Your instructions:
Reproduce, exactly and in full, only the lines below from the one containing "#68=EDGE_CURVE('',#60,#62,#67,.T.);" through the one containing "#120=ORIENTED_EDGE('',*,*,#119,.F.);".

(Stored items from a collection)
_____

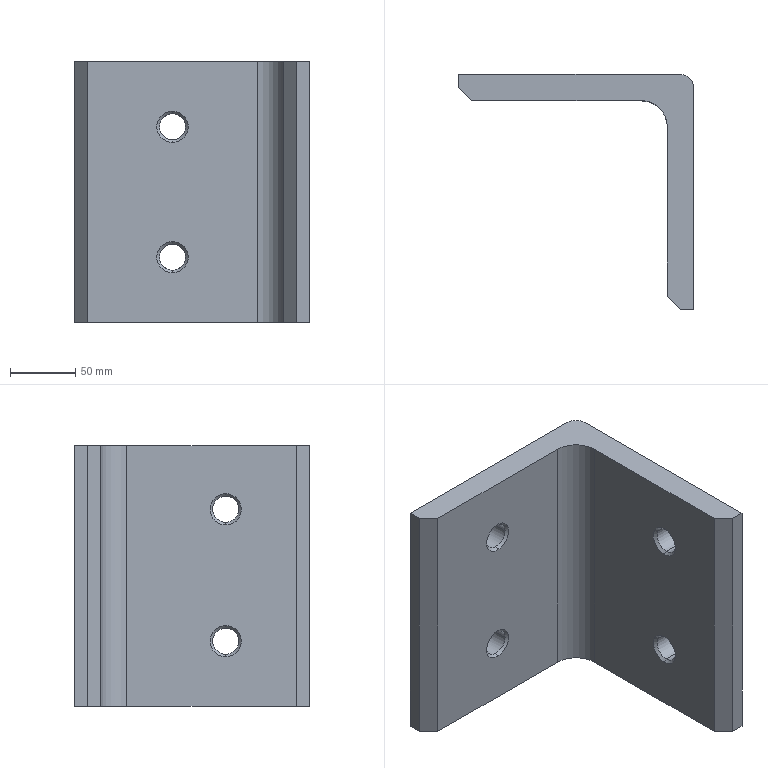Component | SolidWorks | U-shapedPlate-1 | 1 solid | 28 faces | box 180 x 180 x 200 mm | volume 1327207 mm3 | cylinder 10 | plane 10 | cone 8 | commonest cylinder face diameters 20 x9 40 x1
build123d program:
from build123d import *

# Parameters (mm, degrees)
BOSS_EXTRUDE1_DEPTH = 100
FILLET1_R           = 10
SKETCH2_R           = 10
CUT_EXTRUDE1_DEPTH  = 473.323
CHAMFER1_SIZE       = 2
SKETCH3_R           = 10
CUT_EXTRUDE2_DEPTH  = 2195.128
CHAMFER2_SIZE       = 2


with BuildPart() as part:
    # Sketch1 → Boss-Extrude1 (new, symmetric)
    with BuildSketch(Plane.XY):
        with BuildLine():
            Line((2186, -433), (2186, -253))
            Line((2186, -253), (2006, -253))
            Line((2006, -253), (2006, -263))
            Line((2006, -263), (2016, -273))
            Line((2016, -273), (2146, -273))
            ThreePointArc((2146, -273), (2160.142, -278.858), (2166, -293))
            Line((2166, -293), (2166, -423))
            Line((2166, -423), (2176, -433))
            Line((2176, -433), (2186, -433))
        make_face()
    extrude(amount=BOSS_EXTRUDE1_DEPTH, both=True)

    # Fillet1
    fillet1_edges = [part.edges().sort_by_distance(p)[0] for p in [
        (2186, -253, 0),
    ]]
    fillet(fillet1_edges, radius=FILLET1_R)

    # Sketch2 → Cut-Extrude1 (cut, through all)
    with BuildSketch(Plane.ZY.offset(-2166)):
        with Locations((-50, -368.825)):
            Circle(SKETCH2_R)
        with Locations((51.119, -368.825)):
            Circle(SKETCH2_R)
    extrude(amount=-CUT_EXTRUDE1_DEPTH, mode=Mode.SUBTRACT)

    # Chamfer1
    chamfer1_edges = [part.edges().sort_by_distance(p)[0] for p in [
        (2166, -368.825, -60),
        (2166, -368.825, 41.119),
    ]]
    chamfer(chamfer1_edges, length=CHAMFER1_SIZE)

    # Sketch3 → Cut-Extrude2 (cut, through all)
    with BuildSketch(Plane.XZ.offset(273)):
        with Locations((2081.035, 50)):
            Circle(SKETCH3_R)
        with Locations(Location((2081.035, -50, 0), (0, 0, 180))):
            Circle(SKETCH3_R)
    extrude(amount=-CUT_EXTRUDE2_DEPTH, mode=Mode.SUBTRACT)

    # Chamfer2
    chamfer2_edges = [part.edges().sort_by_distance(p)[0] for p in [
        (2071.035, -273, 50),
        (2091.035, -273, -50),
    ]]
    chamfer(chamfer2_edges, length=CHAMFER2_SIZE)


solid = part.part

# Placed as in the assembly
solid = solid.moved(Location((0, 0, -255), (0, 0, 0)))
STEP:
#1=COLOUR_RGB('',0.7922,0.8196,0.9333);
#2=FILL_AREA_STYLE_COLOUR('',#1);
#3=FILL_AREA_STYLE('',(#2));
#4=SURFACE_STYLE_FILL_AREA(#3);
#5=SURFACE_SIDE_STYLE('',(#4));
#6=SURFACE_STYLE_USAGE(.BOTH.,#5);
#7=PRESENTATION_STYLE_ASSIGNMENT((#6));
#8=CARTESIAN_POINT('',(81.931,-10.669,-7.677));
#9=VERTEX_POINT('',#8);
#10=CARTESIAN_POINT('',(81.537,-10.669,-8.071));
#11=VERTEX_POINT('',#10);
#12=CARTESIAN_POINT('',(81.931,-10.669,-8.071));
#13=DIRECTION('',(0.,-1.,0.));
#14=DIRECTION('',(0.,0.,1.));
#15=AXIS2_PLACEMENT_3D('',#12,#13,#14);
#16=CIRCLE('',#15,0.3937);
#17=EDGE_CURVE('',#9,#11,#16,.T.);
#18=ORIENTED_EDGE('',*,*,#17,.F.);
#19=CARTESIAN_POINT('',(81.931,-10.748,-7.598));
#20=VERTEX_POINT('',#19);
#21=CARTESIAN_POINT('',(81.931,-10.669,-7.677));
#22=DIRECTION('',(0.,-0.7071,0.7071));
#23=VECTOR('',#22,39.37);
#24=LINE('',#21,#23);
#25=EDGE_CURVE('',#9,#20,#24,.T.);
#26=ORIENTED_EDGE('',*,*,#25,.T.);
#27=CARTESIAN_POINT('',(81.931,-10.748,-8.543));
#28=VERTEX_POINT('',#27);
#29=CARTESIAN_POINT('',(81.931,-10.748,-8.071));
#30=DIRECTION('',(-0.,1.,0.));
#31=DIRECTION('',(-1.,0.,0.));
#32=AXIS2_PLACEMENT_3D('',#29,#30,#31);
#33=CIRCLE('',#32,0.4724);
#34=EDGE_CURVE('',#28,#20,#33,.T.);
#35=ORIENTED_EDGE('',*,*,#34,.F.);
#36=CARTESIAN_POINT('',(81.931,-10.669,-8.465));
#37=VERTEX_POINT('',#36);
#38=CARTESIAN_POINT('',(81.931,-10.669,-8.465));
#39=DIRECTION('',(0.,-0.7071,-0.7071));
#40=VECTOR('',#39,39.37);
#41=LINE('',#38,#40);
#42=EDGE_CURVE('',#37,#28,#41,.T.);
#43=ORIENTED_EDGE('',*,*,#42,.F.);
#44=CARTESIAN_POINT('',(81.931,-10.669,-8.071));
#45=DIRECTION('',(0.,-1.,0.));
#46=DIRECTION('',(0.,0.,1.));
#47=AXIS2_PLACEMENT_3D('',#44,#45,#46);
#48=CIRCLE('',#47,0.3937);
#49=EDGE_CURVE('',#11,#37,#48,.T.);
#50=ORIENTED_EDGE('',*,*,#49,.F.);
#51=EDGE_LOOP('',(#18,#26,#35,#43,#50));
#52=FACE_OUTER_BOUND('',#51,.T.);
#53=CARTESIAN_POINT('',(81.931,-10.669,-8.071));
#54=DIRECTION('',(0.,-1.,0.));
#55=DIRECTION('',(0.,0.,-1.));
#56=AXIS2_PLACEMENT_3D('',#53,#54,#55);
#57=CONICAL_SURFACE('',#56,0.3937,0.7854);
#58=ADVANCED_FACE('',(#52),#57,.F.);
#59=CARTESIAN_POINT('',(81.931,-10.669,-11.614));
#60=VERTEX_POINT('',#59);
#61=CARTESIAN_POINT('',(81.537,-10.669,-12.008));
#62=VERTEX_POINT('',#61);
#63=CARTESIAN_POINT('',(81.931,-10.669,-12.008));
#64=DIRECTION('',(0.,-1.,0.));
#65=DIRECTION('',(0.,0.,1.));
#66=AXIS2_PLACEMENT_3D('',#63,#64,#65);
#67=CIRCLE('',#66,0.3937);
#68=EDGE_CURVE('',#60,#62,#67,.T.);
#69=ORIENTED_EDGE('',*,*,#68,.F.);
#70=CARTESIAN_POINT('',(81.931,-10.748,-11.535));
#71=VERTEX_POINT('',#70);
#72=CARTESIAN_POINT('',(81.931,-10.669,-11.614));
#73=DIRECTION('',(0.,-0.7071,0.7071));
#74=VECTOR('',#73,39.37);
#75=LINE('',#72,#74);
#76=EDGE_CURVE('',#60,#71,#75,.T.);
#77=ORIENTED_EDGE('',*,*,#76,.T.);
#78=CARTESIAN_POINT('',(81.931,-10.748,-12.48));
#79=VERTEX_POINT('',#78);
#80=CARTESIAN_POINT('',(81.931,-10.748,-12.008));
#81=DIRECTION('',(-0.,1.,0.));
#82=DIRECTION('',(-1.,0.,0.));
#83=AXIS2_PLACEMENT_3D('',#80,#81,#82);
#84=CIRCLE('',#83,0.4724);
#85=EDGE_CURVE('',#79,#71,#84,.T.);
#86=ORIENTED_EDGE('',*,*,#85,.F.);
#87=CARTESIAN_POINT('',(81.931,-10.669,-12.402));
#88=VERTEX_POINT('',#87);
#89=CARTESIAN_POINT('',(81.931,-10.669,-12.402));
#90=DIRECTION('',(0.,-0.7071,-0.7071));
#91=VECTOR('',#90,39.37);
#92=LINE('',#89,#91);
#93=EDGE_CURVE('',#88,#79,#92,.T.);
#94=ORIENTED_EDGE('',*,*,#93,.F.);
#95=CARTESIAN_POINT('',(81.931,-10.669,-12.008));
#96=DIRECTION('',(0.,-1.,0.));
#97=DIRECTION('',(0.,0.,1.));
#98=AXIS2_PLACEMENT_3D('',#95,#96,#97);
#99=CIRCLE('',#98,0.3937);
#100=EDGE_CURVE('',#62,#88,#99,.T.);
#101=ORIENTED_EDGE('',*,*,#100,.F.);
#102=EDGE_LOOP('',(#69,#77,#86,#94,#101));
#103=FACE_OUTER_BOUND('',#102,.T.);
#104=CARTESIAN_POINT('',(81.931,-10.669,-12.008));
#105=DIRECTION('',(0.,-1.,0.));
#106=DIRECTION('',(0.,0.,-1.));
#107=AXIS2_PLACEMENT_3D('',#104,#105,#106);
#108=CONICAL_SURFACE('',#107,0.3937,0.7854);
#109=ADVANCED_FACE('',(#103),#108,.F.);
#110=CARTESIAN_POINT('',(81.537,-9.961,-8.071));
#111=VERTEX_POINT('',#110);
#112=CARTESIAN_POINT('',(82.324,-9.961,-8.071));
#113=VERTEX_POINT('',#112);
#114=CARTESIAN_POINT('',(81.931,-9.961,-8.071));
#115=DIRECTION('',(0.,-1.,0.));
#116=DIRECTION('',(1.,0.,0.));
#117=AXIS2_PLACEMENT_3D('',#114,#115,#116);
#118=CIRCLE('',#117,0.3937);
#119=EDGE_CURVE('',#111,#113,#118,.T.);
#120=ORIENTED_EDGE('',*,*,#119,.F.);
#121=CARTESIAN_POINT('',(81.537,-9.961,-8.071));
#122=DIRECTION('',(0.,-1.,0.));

_____

Answer below:
#68=EDGE_CURVE('',#60,#62,#67,.T.);
#69=ORIENTED_EDGE('',*,*,#68,.F.);
#70=CARTESIAN_POINT('',(81.931,-10.748,-11.535));
#71=VERTEX_POINT('',#70);
#72=CARTESIAN_POINT('',(81.931,-10.669,-11.614));
#73=DIRECTION('',(0.,-0.7071,0.7071));
#74=VECTOR('',#73,39.37);
#75=LINE('',#72,#74);
#76=EDGE_CURVE('',#60,#71,#75,.T.);
#77=ORIENTED_EDGE('',*,*,#76,.T.);
#78=CARTESIAN_POINT('',(81.931,-10.748,-12.48));
#79=VERTEX_POINT('',#78);
#80=CARTESIAN_POINT('',(81.931,-10.748,-12.008));
#81=DIRECTION('',(-0.,1.,0.));
#82=DIRECTION('',(-1.,0.,0.));
#83=AXIS2_PLACEMENT_3D('',#80,#81,#82);
#84=CIRCLE('',#83,0.4724);
#85=EDGE_CURVE('',#79,#71,#84,.T.);
#86=ORIENTED_EDGE('',*,*,#85,.F.);
#87=CARTESIAN_POINT('',(81.931,-10.669,-12.402));
#88=VERTEX_POINT('',#87);
#89=CARTESIAN_POINT('',(81.931,-10.669,-12.402));
#90=DIRECTION('',(0.,-0.7071,-0.7071));
#91=VECTOR('',#90,39.37);
#92=LINE('',#89,#91);
#93=EDGE_CURVE('',#88,#79,#92,.T.);
#94=ORIENTED_EDGE('',*,*,#93,.F.);
#95=CARTESIAN_POINT('',(81.931,-10.669,-12.008));
#96=DIRECTION('',(0.,-1.,0.));
#97=DIRECTION('',(0.,0.,1.));
#98=AXIS2_PLACEMENT_3D('',#95,#96,#97);
#99=CIRCLE('',#98,0.3937);
#100=EDGE_CURVE('',#62,#88,#99,.T.);
#101=ORIENTED_EDGE('',*,*,#100,.F.);
#102=EDGE_LOOP('',(#69,#77,#86,#94,#101));
#103=FACE_OUTER_BOUND('',#102,.T.);
#104=CARTESIAN_POINT('',(81.931,-10.669,-12.008));
#105=DIRECTION('',(0.,-1.,0.));
#106=DIRECTION('',(0.,0.,-1.));
#107=AXIS2_PLACEMENT_3D('',#104,#105,#106);
#108=CONICAL_SURFACE('',#107,0.3937,0.7854);
#109=ADVANCED_FACE('',(#103),#108,.F.);
#110=CARTESIAN_POINT('',(81.537,-9.961,-8.071));
#111=VERTEX_POINT('',#110);
#112=CARTESIAN_POINT('',(82.324,-9.961,-8.071));
#113=VERTEX_POINT('',#112);
#114=CARTESIAN_POINT('',(81.931,-9.961,-8.071));
#115=DIRECTION('',(0.,-1.,0.));
#116=DIRECTION('',(1.,0.,0.));
#117=AXIS2_PLACEMENT_3D('',#114,#115,#116);
#118=CIRCLE('',#117,0.3937);
#119=EDGE_CURVE('',#111,#113,#118,.T.);
#120=ORIENTED_EDGE('',*,*,#119,.F.);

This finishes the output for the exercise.